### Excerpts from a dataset

-----

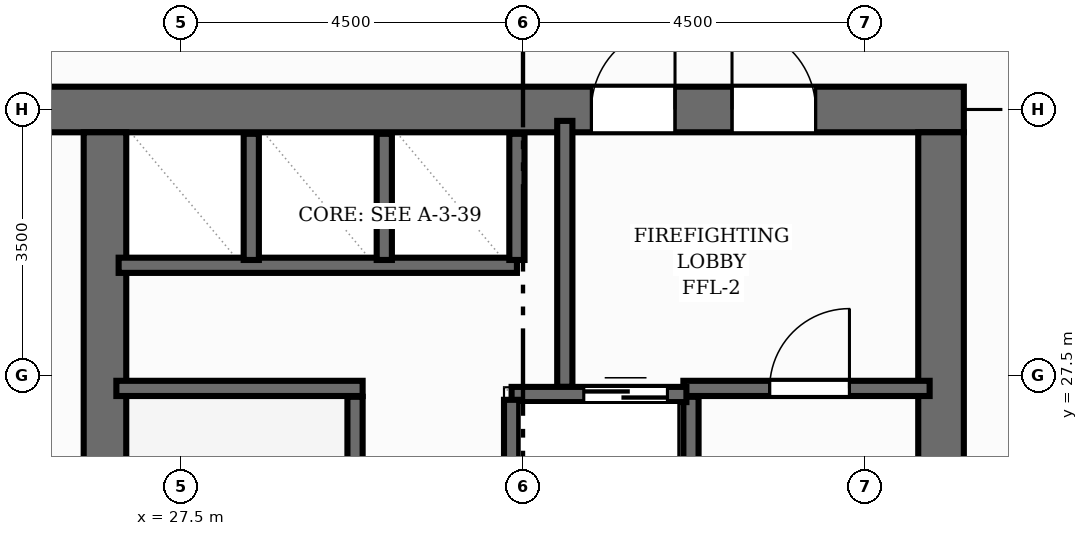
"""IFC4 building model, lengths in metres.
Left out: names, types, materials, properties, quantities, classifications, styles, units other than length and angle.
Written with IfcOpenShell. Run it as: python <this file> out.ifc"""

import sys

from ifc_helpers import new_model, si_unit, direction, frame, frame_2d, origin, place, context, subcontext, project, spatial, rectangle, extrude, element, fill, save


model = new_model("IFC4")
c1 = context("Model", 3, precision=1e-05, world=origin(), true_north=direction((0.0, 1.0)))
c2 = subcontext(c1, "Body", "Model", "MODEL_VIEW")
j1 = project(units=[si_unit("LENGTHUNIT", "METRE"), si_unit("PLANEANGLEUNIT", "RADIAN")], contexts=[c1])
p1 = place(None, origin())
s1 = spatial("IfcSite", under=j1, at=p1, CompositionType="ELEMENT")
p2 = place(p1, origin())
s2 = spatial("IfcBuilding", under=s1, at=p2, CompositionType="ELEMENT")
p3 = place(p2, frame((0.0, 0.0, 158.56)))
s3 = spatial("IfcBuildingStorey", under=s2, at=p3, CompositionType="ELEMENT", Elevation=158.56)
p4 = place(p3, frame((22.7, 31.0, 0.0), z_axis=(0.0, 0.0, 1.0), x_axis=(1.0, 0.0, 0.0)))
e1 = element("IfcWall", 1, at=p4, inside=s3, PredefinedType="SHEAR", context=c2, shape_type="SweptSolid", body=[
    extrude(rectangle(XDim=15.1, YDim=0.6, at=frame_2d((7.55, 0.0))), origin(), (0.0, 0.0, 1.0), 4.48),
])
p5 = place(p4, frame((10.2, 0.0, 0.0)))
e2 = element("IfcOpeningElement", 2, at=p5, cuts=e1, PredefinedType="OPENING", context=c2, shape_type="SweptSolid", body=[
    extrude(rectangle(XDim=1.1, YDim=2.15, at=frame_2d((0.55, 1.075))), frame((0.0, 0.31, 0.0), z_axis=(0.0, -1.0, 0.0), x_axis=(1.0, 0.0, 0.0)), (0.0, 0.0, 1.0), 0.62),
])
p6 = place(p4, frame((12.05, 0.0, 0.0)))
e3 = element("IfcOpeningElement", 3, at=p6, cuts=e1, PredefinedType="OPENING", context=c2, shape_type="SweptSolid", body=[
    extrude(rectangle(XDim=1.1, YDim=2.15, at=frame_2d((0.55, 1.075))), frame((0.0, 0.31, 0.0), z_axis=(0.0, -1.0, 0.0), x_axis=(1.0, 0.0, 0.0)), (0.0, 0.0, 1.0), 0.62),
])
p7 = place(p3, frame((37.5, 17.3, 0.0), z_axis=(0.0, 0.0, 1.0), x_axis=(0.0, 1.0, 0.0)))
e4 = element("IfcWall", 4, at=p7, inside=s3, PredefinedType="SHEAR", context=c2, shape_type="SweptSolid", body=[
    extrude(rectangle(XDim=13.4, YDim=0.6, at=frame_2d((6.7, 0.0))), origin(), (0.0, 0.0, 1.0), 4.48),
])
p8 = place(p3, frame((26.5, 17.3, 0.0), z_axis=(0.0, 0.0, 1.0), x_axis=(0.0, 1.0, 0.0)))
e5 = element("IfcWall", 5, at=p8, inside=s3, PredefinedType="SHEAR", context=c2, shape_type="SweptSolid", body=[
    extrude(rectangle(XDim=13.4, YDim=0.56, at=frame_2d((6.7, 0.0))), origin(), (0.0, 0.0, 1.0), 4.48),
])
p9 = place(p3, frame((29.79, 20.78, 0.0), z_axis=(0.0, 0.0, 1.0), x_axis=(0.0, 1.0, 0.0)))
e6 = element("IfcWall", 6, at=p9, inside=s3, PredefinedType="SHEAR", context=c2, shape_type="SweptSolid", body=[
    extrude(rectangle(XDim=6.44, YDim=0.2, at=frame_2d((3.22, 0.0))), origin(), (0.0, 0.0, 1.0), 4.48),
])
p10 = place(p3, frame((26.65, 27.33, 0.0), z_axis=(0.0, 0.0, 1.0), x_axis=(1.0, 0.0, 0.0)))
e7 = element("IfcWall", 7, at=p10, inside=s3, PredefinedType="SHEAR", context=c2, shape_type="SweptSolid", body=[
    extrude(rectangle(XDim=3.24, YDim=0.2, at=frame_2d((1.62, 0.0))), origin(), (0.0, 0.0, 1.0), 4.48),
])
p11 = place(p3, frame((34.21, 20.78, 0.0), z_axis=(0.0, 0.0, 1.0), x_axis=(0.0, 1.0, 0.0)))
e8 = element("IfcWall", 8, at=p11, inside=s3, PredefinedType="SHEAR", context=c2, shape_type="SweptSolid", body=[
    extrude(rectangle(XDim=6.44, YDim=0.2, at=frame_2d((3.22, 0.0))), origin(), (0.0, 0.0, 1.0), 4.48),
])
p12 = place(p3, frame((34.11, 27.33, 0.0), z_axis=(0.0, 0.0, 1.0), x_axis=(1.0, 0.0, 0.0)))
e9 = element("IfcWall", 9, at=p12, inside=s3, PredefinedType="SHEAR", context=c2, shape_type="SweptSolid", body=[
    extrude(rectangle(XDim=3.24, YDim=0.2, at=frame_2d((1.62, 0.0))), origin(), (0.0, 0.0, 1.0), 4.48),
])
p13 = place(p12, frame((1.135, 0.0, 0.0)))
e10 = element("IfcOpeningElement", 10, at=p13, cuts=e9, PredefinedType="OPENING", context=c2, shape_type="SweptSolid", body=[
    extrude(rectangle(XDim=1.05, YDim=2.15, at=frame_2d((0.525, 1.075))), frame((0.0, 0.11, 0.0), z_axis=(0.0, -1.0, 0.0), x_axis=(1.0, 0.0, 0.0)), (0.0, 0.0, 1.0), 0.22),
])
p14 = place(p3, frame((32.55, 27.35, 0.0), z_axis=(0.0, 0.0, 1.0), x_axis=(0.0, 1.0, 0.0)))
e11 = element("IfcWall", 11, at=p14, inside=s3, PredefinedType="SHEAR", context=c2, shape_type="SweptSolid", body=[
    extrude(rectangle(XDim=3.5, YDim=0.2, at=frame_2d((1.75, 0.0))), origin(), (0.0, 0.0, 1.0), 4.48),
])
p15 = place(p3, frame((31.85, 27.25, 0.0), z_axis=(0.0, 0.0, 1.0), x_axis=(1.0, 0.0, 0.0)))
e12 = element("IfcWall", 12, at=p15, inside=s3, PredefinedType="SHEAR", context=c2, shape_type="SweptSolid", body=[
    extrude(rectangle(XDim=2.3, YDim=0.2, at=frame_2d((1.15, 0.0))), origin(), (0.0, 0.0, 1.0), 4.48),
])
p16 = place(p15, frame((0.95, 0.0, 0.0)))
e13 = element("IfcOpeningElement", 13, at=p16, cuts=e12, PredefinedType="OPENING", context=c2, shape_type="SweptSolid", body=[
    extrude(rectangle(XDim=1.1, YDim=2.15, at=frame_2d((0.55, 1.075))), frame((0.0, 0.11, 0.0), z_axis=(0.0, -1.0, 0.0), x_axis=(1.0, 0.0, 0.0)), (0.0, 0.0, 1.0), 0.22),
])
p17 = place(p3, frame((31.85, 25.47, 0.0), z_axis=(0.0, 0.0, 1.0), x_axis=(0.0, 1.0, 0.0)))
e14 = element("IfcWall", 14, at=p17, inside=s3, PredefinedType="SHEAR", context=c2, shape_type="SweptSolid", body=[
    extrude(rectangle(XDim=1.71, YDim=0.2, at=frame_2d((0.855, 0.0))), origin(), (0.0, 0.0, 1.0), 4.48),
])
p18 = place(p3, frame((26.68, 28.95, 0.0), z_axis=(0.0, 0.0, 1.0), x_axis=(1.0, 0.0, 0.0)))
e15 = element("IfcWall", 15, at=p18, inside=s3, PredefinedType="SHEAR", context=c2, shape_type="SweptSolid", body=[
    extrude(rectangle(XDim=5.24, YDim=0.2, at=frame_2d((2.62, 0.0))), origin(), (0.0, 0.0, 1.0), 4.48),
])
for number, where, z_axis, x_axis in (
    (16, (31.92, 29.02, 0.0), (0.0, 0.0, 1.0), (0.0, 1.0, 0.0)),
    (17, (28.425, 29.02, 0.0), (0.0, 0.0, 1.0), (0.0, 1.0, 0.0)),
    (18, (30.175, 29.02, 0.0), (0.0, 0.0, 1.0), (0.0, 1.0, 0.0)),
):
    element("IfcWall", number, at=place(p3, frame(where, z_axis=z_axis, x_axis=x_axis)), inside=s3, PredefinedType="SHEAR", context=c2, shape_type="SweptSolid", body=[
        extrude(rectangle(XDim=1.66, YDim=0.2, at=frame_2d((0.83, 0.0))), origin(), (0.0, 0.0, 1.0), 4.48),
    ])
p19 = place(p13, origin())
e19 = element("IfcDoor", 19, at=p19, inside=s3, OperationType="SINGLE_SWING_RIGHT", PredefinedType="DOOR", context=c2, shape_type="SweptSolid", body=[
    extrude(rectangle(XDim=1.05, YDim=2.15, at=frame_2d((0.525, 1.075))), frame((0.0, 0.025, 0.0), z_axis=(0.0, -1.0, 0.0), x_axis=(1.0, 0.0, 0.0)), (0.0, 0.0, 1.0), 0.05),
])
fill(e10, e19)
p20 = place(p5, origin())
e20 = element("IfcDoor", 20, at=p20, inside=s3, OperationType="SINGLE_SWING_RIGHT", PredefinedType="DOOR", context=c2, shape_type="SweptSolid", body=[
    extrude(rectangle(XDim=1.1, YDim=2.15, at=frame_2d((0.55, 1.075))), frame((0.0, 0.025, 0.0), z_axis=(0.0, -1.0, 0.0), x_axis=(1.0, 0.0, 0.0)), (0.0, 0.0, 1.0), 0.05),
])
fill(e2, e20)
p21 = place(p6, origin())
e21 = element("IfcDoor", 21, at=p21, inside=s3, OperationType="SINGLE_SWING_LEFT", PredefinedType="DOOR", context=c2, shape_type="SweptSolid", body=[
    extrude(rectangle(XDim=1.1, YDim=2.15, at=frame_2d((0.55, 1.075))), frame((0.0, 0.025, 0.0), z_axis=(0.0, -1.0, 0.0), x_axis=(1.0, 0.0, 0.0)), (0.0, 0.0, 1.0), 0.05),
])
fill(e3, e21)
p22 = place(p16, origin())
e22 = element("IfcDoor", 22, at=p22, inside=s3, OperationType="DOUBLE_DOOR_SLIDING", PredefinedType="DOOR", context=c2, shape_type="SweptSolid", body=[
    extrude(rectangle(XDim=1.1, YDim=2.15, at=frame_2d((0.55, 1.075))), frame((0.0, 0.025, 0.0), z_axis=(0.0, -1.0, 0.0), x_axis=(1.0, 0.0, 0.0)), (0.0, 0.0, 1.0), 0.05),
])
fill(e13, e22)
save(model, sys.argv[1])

-----

### Task brief
Return exactly the lines above from the line that has "for number, where, z_axis, x_axis" through the line that has "p22 = place(p16, origin())", inclusive, and nothing else.

### Written response
for number, where, z_axis, x_axis in (
    (16, (31.92, 29.02, 0.0), (0.0, 0.0, 1.0), (0.0, 1.0, 0.0)),
    (17, (28.425, 29.02, 0.0), (0.0, 0.0, 1.0), (0.0, 1.0, 0.0)),
    (18, (30.175, 29.02, 0.0), (0.0, 0.0, 1.0), (0.0, 1.0, 0.0)),
):
    element("IfcWall", number, at=place(p3, frame(where, z_axis=z_axis, x_axis=x_axis)), inside=s3, PredefinedType="SHEAR", context=c2, shape_type="SweptSolid", body=[
        extrude(rectangle(XDim=1.66, YDim=0.2, at=frame_2d((0.83, 0.0))), origin(), (0.0, 0.0, 1.0), 4.48),
    ])
p19 = place(p13, origin())
e19 = element("IfcDoor", 19, at=p19, inside=s3, OperationType="SINGLE_SWING_RIGHT", PredefinedType="DOOR", context=c2, shape_type="SweptSolid", body=[
    extrude(rectangle(XDim=1.05, YDim=2.15, at=frame_2d((0.525, 1.075))), frame((0.0, 0.025, 0.0), z_axis=(0.0, -1.0, 0.0), x_axis=(1.0, 0.0, 0.0)), (0.0, 0.0, 1.0), 0.05),
])
fill(e10, e19)
p20 = place(p5, origin())
e20 = element("IfcDoor", 20, at=p20, inside=s3, OperationType="SINGLE_SWING_RIGHT", PredefinedType="DOOR", context=c2, shape_type="SweptSolid", body=[
    extrude(rectangle(XDim=1.1, YDim=2.15, at=frame_2d((0.55, 1.075))), frame((0.0, 0.025, 0.0), z_axis=(0.0, -1.0, 0.0), x_axis=(1.0, 0.0, 0.0)), (0.0, 0.0, 1.0), 0.05),
])
fill(e2, e20)
p21 = place(p6, origin())
e21 = element("IfcDoor", 21, at=p21, inside=s3, OperationType="SINGLE_SWING_LEFT", PredefinedType="DOOR", context=c2, shape_type="SweptSolid", body=[
    extrude(rectangle(XDim=1.1, YDim=2.15, at=frame_2d((0.55, 1.075))), frame((0.0, 0.025, 0.0), z_axis=(0.0, -1.0, 0.0), x_axis=(1.0, 0.0, 0.0)), (0.0, 0.0, 1.0), 0.05),
])
fill(e3, e21)
p22 = place(p16, origin())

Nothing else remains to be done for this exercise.